[Saved entries]

════

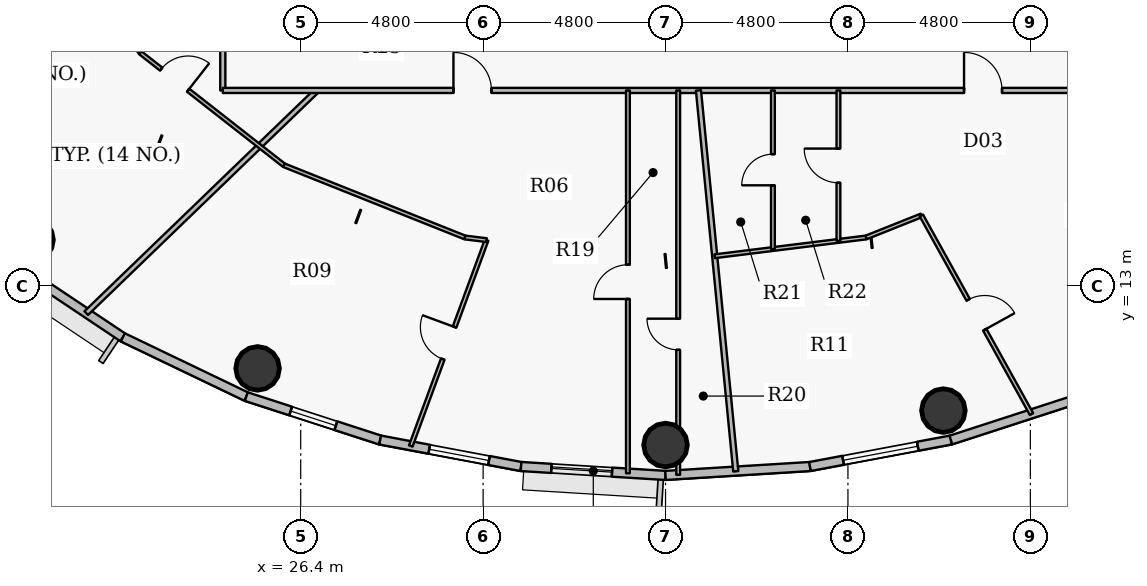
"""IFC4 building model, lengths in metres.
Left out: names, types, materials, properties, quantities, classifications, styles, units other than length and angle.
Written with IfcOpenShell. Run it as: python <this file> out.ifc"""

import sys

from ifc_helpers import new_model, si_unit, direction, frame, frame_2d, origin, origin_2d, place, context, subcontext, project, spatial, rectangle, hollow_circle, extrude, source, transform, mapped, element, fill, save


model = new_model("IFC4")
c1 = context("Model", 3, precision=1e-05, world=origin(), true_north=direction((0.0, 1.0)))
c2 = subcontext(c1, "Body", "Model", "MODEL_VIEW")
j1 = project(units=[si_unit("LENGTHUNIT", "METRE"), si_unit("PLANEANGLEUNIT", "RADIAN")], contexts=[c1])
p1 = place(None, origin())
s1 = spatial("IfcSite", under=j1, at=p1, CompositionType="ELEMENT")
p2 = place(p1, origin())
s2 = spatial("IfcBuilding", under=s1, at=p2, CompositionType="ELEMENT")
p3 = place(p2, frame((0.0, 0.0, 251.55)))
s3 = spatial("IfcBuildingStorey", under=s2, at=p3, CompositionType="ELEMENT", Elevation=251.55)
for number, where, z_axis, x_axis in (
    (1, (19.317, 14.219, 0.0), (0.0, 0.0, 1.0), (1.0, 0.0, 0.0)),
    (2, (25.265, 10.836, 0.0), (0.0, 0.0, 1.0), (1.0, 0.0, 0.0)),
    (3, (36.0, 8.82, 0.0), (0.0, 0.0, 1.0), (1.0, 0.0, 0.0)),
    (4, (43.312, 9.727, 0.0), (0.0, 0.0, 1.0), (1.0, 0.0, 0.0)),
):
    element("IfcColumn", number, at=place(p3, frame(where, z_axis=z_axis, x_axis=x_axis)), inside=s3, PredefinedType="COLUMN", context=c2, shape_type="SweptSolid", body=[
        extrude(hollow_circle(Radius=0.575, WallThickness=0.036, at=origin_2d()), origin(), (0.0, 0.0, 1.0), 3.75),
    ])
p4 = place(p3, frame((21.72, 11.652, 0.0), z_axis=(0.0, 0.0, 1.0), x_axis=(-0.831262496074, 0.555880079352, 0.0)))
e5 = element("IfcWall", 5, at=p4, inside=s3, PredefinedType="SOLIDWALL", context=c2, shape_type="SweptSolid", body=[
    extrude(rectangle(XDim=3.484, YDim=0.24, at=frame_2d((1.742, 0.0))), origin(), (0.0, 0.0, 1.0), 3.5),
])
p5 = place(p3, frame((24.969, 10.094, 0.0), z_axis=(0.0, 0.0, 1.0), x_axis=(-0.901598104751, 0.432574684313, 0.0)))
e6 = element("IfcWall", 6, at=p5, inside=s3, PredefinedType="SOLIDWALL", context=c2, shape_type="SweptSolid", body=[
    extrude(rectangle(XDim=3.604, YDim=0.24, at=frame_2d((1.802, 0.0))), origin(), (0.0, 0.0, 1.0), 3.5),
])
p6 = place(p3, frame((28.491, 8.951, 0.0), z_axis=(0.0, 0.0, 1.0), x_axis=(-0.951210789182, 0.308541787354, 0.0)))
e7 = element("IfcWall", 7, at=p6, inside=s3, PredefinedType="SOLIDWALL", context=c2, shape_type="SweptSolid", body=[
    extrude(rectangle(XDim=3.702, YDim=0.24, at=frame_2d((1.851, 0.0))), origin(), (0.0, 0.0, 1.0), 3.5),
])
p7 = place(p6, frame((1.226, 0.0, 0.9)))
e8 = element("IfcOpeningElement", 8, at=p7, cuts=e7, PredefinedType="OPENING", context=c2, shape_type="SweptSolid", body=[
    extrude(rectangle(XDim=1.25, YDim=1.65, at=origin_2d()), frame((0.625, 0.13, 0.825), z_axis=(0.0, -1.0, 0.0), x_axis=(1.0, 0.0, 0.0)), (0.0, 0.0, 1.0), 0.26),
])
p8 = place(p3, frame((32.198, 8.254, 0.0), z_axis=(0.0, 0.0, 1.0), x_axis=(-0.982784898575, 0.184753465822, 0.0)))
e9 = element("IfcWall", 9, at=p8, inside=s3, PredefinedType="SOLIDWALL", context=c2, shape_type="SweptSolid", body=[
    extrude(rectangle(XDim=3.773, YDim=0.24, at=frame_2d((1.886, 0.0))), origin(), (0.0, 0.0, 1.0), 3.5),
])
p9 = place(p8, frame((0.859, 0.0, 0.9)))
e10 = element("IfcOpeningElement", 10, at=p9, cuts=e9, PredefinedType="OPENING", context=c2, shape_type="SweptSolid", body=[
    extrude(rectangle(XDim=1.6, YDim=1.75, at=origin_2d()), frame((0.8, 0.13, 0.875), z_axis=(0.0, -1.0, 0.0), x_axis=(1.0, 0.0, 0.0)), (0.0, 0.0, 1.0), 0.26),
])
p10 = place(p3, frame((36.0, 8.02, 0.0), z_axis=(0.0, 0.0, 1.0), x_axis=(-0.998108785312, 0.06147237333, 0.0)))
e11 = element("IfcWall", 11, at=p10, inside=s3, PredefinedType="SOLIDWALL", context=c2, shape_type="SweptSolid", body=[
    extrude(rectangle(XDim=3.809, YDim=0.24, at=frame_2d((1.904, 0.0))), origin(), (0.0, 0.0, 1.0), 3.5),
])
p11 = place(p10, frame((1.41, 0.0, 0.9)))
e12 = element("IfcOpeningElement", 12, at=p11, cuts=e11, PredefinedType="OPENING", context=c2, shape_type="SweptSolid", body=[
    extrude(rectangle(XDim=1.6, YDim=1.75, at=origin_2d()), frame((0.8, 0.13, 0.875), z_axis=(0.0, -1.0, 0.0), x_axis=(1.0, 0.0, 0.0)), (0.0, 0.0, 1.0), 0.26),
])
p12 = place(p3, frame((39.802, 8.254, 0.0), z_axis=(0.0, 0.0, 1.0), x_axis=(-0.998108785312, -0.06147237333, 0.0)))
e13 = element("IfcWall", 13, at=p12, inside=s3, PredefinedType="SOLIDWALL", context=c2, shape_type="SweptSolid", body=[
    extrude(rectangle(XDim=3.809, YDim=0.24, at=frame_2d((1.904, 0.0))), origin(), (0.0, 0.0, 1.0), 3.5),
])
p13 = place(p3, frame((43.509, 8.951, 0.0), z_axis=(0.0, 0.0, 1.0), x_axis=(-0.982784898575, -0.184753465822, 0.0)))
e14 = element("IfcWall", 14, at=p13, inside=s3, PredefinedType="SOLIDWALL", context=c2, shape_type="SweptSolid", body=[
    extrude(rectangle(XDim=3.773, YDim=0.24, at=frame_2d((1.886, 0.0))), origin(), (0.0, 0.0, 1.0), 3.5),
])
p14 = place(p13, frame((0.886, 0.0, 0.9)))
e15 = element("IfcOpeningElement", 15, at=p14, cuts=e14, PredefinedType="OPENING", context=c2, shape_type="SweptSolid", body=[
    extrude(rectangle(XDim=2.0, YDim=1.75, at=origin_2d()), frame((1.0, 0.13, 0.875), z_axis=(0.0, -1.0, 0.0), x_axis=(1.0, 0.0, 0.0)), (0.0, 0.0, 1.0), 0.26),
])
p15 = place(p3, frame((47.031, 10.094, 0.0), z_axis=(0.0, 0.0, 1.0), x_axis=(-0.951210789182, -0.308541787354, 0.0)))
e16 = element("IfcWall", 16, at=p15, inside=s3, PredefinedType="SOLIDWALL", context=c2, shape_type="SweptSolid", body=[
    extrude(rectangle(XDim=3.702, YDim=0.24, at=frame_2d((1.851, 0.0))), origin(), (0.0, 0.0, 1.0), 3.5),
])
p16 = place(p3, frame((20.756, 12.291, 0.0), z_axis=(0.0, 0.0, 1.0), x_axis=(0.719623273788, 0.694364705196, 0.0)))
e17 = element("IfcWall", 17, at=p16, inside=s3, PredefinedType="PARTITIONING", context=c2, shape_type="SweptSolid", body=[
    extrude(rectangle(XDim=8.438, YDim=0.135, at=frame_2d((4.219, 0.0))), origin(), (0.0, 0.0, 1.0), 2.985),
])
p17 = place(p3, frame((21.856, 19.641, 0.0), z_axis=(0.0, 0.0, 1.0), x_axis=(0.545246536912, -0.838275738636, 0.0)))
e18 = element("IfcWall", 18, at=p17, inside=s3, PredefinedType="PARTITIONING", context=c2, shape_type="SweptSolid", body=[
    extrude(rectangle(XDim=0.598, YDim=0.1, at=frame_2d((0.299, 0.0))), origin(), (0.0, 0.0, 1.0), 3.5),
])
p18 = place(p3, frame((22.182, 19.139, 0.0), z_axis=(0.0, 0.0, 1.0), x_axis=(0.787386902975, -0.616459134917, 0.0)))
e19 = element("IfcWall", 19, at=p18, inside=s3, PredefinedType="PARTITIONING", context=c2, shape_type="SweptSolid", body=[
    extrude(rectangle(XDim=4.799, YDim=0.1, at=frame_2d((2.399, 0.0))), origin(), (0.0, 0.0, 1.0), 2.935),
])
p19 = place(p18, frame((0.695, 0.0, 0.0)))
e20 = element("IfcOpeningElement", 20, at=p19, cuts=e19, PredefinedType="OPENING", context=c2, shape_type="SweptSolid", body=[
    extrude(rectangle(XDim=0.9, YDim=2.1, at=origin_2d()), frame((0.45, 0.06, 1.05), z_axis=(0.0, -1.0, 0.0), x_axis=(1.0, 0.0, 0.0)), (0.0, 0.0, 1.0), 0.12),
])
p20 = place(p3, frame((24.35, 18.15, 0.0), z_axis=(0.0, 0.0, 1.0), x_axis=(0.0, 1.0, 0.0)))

════

PROBLEM: Filter the entries and copy each line with "subcontext".

SOLUTION:
from ifc_helpers import new_model, si_unit, direction, frame, frame_2d, origin, origin_2d, place, context, subcontext, project, spatial, rectangle, hollow_circle, extrude, source, transform, mapped, element, fill, save
c2 = subcontext(c1, "Body", "Model", "MODEL_VIEW")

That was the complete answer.